Exercise instructions: This exercise asks for every line of the material that includes the word "save".

# # # #

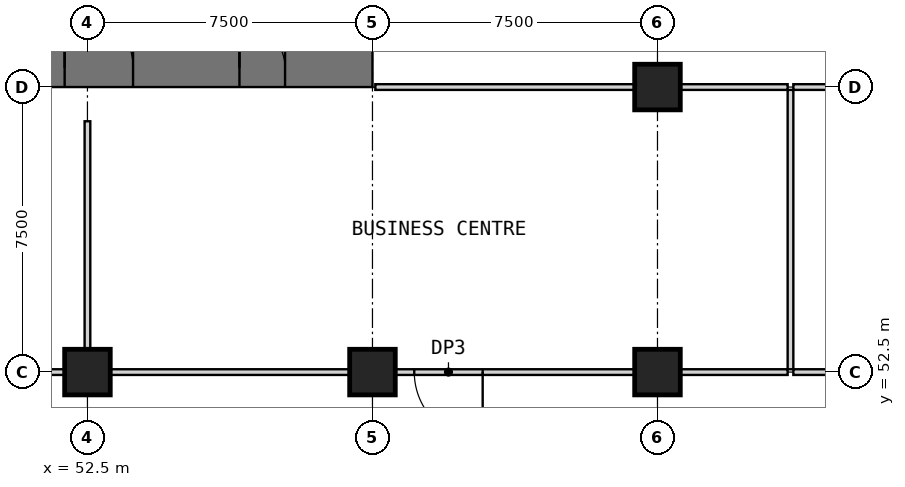
"""IFC4 building model, lengths in metres.
Left out: names, types, materials, properties, quantities, classifications, styles, units other than length and angle.
Written with IfcOpenShell. Run it as: python <this file> out.ifc"""

import sys

from ifc_helpers import new_model, si_unit, direction, frame, frame_2d, origin, origin_2d, place, context, subcontext, project, spatial, rectangle, extrude, element, fill, save


model = new_model("IFC4")
c1 = context("Model", 3, precision=1e-05, world=origin(), true_north=direction((0.0, 1.0)))
c2 = subcontext(c1, "Body", "Model", "MODEL_VIEW")
j1 = project(units=[si_unit("LENGTHUNIT", "METRE"), si_unit("PLANEANGLEUNIT", "RADIAN")], contexts=[c1])
p1 = place(None, origin())
s1 = spatial("IfcSite", under=j1, at=p1, CompositionType="ELEMENT")
p2 = place(p1, origin())
s2 = spatial("IfcBuilding", under=s1, at=p2, CompositionType="ELEMENT")
p3 = place(p2, frame((0.0, 0.0, 23.5)))
s3 = spatial("IfcBuildingStorey", under=s2, at=p3, CompositionType="ELEMENT", Elevation=23.5)
for number, where, z_axis, x_axis in (
    (1, (52.5, 52.5, 0.0), (0.0, 0.0, 1.0), (1.0, 0.0, 0.0)),
    (2, (60.0, 52.5, 0.0), (0.0, 0.0, 1.0), (1.0, 0.0, 0.0)),
    (3, (67.5, 52.5, 0.0), (0.0, 0.0, 1.0), (1.0, 0.0, 0.0)),
    (4, (67.5, 60.0, 0.0), (0.0, 0.0, 1.0), (1.0, 0.0, 0.0)),
):
    element("IfcColumn", number, at=place(p3, frame(where, z_axis=z_axis, x_axis=x_axis)), inside=s3, PredefinedType="COLUMN", context=c2, shape_type="SweptSolid", body=[
        extrude(rectangle(XDim=1.2, YDim=1.2, at=origin_2d()), origin(), (0.0, 0.0, 1.0), 5.5),
    ])
p4 = place(p3, frame((30.0, 60.5, 0.0), z_axis=(0.0, 0.0, 1.0), x_axis=(1.0, 0.0, 0.0)))
e5 = element("IfcWall", 5, at=p4, inside=s3, PredefinedType="SHEAR", context=c2, shape_type="SweptSolid", body=[
    extrude(rectangle(XDim=30.0, YDim=1.0, at=frame_2d((15.0, 0.0))), origin(), (0.0, 0.0, 1.0), 5.5),
])
p5 = place(p4, frame((21.9, 0.0, 0.0)))
e6 = element("IfcOpeningElement", 6, at=p5, cuts=e5, PredefinedType="OPENING", context=c2, shape_type="SweptSolid", body=[
    extrude(rectangle(XDim=1.8, YDim=2.1, at=frame_2d((0.9, 1.05))), frame((0.0, 0.51, 0.0), z_axis=(0.0, -1.0, 0.0), x_axis=(1.0, 0.0, 0.0)), (0.0, 0.0, 1.0), 1.02),
])
p6 = place(p4, frame((26.5, 0.0, 0.0)))
e7 = element("IfcOpeningElement", 7, at=p6, cuts=e5, PredefinedType="OPENING", context=c2, shape_type="SweptSolid", body=[
    extrude(rectangle(XDim=1.2, YDim=2.1, at=frame_2d((0.6, 1.05))), frame((0.0, 0.51, 0.0), z_axis=(0.0, -1.0, 0.0), x_axis=(1.0, 0.0, 0.0)), (0.0, 0.0, 1.0), 1.02),
])
p7 = place(p3, frame((51.9, 52.5, 0.0), z_axis=(0.0, 0.0, 1.0), x_axis=(-1.0, 0.0, 0.0)))
e8 = element("IfcWall", 8, at=p7, inside=s3, PredefinedType="PARTITIONING", context=c2, shape_type="SweptSolid", body=[
    extrude(rectangle(XDim=6.3, YDim=0.15, at=frame_2d((3.15, 0.0))), origin(), (0.0, 0.0, 1.0), 5.2),
])
p8 = place(p7, frame((4.0, 0.0, 0.0)))
e9 = element("IfcOpeningElement", 9, at=p8, cuts=e8, PredefinedType="OPENING", context=c2, shape_type="SweptSolid", body=[
    extrude(rectangle(XDim=1.8, YDim=2.4, at=frame_2d((0.9, 1.2))), frame((0.0, 0.085, 0.0), z_axis=(0.0, -1.0, 0.0), x_axis=(1.0, 0.0, 0.0)), (0.0, 0.0, 1.0), 0.17),
])
p9 = place(p3, frame((53.1, 52.5, 0.0), z_axis=(0.0, 0.0, 1.0), x_axis=(1.0, 0.0, 0.0)))
e10 = element("IfcWall", 10, at=p9, inside=s3, PredefinedType="PARTITIONING", context=c2, shape_type="SweptSolid", body=[
    extrude(rectangle(XDim=6.3, YDim=0.15, at=frame_2d((3.15, 0.0))), origin(), (0.0, 0.0, 1.0), 5.2),
])
p10 = place(p3, frame((66.9, 52.5, 0.0), z_axis=(0.0, 0.0, 1.0), x_axis=(-1.0, 0.0, 0.0)))
e11 = element("IfcWall", 11, at=p10, inside=s3, PredefinedType="PARTITIONING", context=c2, shape_type="SweptSolid", body=[
    extrude(rectangle(XDim=6.3, YDim=0.15, at=frame_2d((3.15, 0.0))), origin(), (0.0, 0.0, 1.0), 5.2),
])
p11 = place(p10, frame((4.0, 0.0, 0.0)))
e12 = element("IfcOpeningElement", 12, at=p11, cuts=e11, PredefinedType="OPENING", context=c2, shape_type="SweptSolid", body=[
    extrude(rectangle(XDim=1.8, YDim=2.4, at=frame_2d((0.9, 1.2))), frame((0.0, 0.085, 0.0), z_axis=(0.0, -1.0, 0.0), x_axis=(1.0, 0.0, 0.0)), (0.0, 0.0, 1.0), 0.17),
])
for number, where, z_axis, x_axis in (
    (13, (68.1, 52.5, 0.0), (0.0, 0.0, 1.0), (1.0, 0.0, 0.0)),
    (14, (71.075, 52.5, 0.0), (0.0, 0.0, 1.0), (1.0, 0.0, 0.0)),
):
    element("IfcWall", number, at=place(p3, frame(where, z_axis=z_axis, x_axis=x_axis)), inside=s3, PredefinedType="PARTITIONING", context=c2, shape_type="SweptSolid", body=[
        extrude(rectangle(XDim=2.825, YDim=0.15, at=frame_2d((1.413, 0.0))), origin(), (0.0, 0.0, 1.0), 5.2),
    ])
p12 = place(p3, frame((60.075, 60.0, 0.0), z_axis=(0.0, 0.0, 1.0), x_axis=(1.0, 0.0, 0.0)))
e15 = element("IfcWall", 15, at=p12, inside=s3, PredefinedType="PARTITIONING", context=c2, shape_type="SweptSolid", body=[
    extrude(rectangle(XDim=6.825, YDim=0.15, at=frame_2d((3.413, 0.0))), origin(), (0.0, 0.0, 1.0), 5.2),
])
for number, where, z_axis, x_axis in (
    (16, (68.1, 60.0, 0.0), (0.0, 0.0, 1.0), (1.0, 0.0, 0.0)),
    (17, (71.075, 60.0, 0.0), (0.0, 0.0, 1.0), (1.0, 0.0, 0.0)),
):
    element("IfcWall", number, at=place(p3, frame(where, z_axis=z_axis, x_axis=x_axis)), inside=s3, PredefinedType="PARTITIONING", context=c2, shape_type="SweptSolid", body=[
        extrude(rectangle(XDim=2.825, YDim=0.15, at=frame_2d((1.413, 0.0))), origin(), (0.0, 0.0, 1.0), 5.2),
    ])
p13 = place(p3, frame((52.5, 53.1, 0.0), z_axis=(0.0, 0.0, 1.0), x_axis=(0.0, 1.0, 0.0)))
e18 = element("IfcWall", 18, at=p13, inside=s3, PredefinedType="PARTITIONING", context=c2, shape_type="SweptSolid", body=[
    extrude(rectangle(XDim=6.0, YDim=0.15, at=frame_2d((3.0, 0.0))), origin(), (0.0, 0.0, 1.0), 5.2),
])
p14 = place(p3, frame((71.0, 52.575, 0.0), z_axis=(0.0, 0.0, 1.0), x_axis=(0.0, 1.0, 0.0)))
e19 = element("IfcWall", 19, at=p14, inside=s3, PredefinedType="PARTITIONING", context=c2, shape_type="SweptSolid", body=[
    extrude(rectangle(XDim=7.35, YDim=0.15, at=frame_2d((3.675, 0.0))), origin(), (0.0, 0.0, 1.0), 5.2),
])
p15 = place(p5, origin())
e20 = element("IfcDoor", 20, at=p15, inside=s3, OperationType="DOUBLE_DOOR_SINGLE_SWING", PredefinedType="DOOR", context=c2, shape_type="SweptSolid", body=[
    extrude(rectangle(XDim=1.8, YDim=2.1, at=frame_2d((0.9, 1.05))), frame((0.0, 0.025, 0.0), z_axis=(0.0, -1.0, 0.0), x_axis=(1.0, 0.0, 0.0)), (0.0, 0.0, 1.0), 0.05),
])
fill(e6, e20)
p16 = place(p6, origin())
e21 = element("IfcDoor", 21, at=p16, inside=s3, OperationType="SINGLE_SWING_LEFT", PredefinedType="DOOR", context=c2, shape_type="SweptSolid", body=[
    extrude(rectangle(XDim=1.2, YDim=2.1, at=frame_2d((0.6, 1.05))), frame((0.0, 0.025, 0.0), z_axis=(0.0, -1.0, 0.0), x_axis=(1.0, 0.0, 0.0)), (0.0, 0.0, 1.0), 0.05),
])
fill(e7, e21)
p17 = place(p11, origin())
e22 = element("IfcDoor", 22, at=p17, inside=s3, OperationType="SINGLE_SWING_LEFT", PredefinedType="DOOR", context=c2, shape_type="SweptSolid", body=[
    extrude(rectangle(XDim=1.8, YDim=2.4, at=frame_2d((0.9, 1.2))), frame((0.0, 0.025, 0.0), z_axis=(0.0, -1.0, 0.0), x_axis=(1.0, 0.0, 0.0)), (0.0, 0.0, 1.0), 0.05),
])
fill(e12, e22)
save(model, sys.argv[1])

# # # #

Output of the task:
from ifc_helpers import new_model, si_unit, direction, frame, frame_2d, origin, origin_2d, place, context, subcontext, project, spatial, rectangle, extrude, element, fill, save
save(model, sys.argv[1])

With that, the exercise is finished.